"""

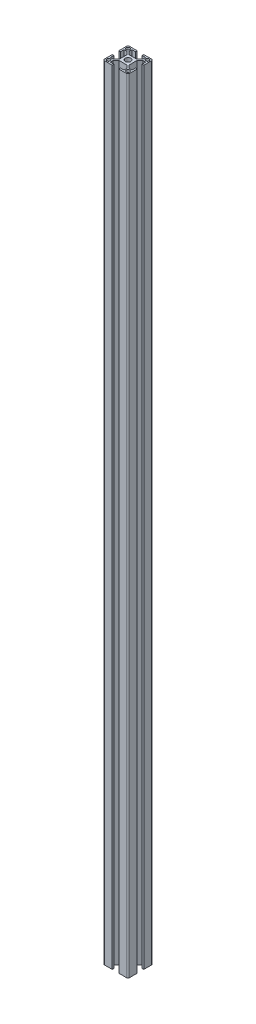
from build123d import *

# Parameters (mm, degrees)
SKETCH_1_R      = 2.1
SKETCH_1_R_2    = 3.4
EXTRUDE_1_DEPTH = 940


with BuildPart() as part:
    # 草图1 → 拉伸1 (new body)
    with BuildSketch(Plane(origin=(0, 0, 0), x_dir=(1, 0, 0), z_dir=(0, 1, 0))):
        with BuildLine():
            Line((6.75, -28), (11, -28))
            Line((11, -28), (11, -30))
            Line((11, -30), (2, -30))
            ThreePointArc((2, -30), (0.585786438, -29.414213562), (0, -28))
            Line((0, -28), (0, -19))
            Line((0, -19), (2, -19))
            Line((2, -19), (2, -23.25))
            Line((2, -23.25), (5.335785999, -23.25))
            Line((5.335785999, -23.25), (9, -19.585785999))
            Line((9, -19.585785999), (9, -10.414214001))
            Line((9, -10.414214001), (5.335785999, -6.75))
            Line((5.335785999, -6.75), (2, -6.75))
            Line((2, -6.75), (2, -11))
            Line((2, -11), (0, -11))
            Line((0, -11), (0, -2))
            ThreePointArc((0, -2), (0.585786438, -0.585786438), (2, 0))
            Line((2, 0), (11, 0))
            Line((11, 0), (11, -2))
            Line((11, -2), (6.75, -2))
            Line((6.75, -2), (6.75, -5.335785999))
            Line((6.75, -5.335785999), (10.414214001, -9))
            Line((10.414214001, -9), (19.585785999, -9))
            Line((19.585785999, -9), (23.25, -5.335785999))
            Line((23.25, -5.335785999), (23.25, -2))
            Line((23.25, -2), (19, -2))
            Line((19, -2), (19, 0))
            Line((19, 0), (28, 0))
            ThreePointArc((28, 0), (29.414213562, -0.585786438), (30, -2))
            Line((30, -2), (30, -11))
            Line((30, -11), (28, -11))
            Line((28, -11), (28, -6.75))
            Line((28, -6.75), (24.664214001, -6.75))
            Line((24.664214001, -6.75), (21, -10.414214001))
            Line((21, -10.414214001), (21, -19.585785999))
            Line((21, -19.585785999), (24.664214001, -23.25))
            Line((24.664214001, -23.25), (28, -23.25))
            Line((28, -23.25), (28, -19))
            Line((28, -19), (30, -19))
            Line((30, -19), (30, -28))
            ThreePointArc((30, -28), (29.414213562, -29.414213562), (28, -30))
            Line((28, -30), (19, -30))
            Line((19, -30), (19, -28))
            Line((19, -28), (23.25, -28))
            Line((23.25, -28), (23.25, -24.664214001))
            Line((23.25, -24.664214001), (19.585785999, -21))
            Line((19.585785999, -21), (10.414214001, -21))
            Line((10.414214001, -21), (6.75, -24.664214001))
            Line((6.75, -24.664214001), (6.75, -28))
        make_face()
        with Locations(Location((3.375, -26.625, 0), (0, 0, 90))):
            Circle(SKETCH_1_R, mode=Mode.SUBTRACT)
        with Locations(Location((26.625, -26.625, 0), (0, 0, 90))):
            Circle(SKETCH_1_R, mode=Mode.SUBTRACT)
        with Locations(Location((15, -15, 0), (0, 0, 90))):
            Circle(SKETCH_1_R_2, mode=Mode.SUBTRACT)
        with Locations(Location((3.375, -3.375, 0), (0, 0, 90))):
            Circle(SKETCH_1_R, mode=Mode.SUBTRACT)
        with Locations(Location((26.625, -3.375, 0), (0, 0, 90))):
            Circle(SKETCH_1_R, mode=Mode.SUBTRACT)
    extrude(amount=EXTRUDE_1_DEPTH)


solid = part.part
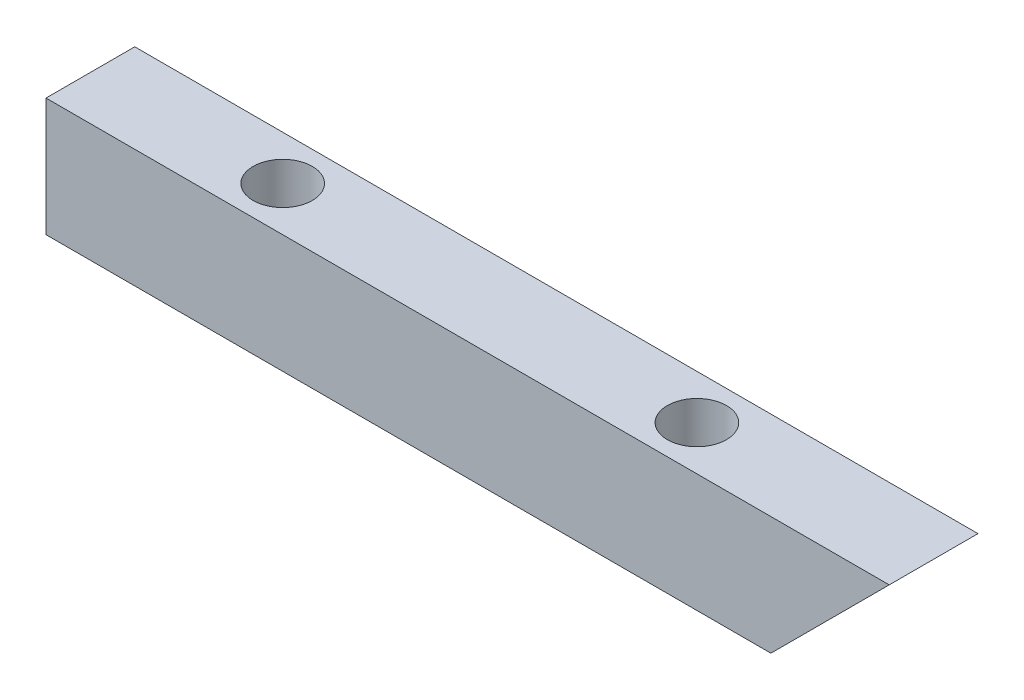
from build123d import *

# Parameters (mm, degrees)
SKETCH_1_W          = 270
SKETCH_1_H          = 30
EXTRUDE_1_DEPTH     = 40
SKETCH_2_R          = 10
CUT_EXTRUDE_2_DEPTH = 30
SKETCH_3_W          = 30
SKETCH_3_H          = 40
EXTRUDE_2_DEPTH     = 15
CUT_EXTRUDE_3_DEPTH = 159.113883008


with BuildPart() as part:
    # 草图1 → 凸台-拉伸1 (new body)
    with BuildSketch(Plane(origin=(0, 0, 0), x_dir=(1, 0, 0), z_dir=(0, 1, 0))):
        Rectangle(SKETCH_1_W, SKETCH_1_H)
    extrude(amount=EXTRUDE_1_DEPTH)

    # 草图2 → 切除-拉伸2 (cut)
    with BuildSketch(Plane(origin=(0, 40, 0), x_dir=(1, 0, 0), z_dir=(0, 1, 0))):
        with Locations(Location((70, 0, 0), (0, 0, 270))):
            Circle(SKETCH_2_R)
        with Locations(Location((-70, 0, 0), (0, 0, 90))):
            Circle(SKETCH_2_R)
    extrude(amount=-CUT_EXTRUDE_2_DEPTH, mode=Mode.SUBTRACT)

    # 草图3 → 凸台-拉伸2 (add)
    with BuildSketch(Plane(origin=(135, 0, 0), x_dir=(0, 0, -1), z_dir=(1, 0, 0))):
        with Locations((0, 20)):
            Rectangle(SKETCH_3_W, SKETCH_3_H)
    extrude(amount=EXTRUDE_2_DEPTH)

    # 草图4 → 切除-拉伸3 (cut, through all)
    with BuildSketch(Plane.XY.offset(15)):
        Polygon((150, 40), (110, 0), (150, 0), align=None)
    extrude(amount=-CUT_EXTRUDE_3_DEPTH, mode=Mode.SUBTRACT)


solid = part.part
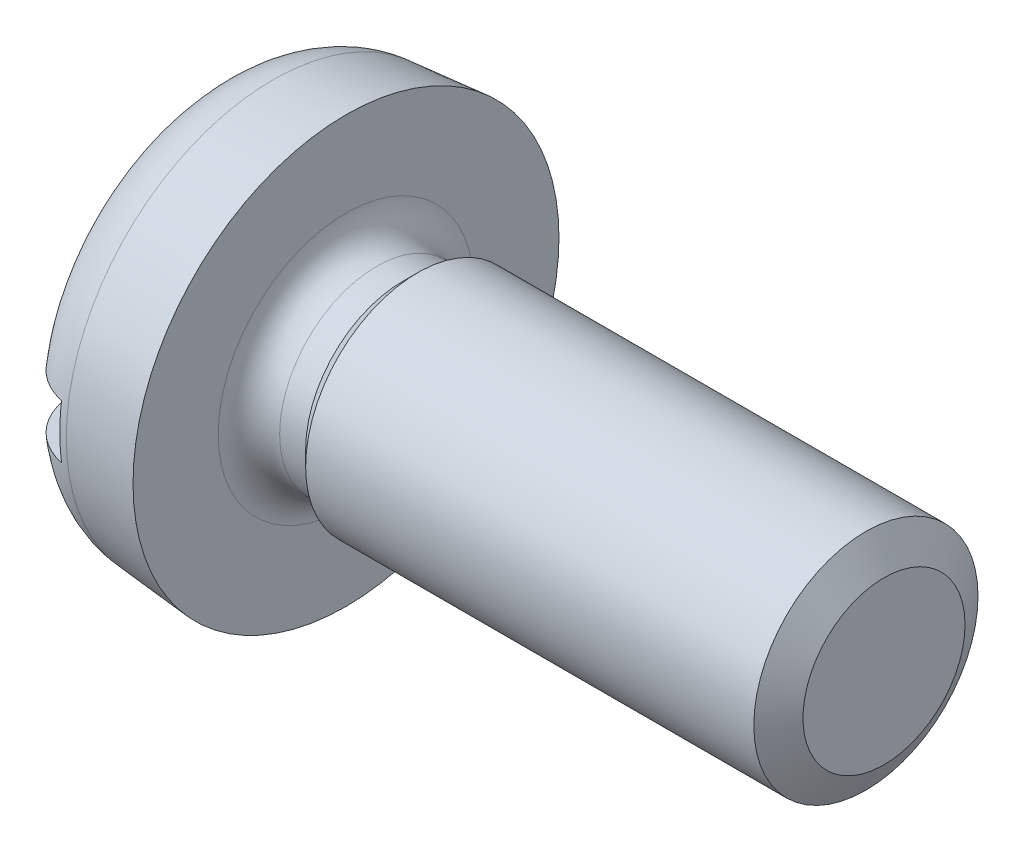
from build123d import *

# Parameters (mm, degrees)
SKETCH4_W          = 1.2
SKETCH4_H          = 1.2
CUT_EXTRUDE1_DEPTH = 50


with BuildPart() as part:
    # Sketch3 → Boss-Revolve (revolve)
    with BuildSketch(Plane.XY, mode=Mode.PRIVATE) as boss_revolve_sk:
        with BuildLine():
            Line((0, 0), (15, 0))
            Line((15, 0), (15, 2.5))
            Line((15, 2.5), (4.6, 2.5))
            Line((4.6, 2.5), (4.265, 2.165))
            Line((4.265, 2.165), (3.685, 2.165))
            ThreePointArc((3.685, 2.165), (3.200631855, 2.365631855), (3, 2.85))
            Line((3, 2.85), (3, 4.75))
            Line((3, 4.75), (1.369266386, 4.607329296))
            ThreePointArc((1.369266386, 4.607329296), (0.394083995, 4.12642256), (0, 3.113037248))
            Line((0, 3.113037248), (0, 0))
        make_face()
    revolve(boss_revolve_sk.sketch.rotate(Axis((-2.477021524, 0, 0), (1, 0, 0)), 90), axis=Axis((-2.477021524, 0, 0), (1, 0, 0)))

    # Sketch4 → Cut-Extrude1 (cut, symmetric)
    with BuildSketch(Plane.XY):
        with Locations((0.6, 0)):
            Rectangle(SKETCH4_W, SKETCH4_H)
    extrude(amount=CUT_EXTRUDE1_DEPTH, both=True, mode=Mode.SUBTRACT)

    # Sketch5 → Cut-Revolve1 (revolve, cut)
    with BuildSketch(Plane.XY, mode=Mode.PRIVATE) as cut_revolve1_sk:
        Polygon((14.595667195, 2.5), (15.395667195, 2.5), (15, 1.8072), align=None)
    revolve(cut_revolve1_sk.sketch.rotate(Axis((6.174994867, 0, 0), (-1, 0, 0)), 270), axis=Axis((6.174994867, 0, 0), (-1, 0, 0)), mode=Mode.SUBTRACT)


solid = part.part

"""

What is being asked. Reproduce all lines from the records above that include the word "None".

Task solution.
        Polygon((150, 40), (110, 0), (150, 0), align=None)
        Polygon((14.595667195, 2.5), (15.395667195, 2.5), (15, 1.8072), align=None)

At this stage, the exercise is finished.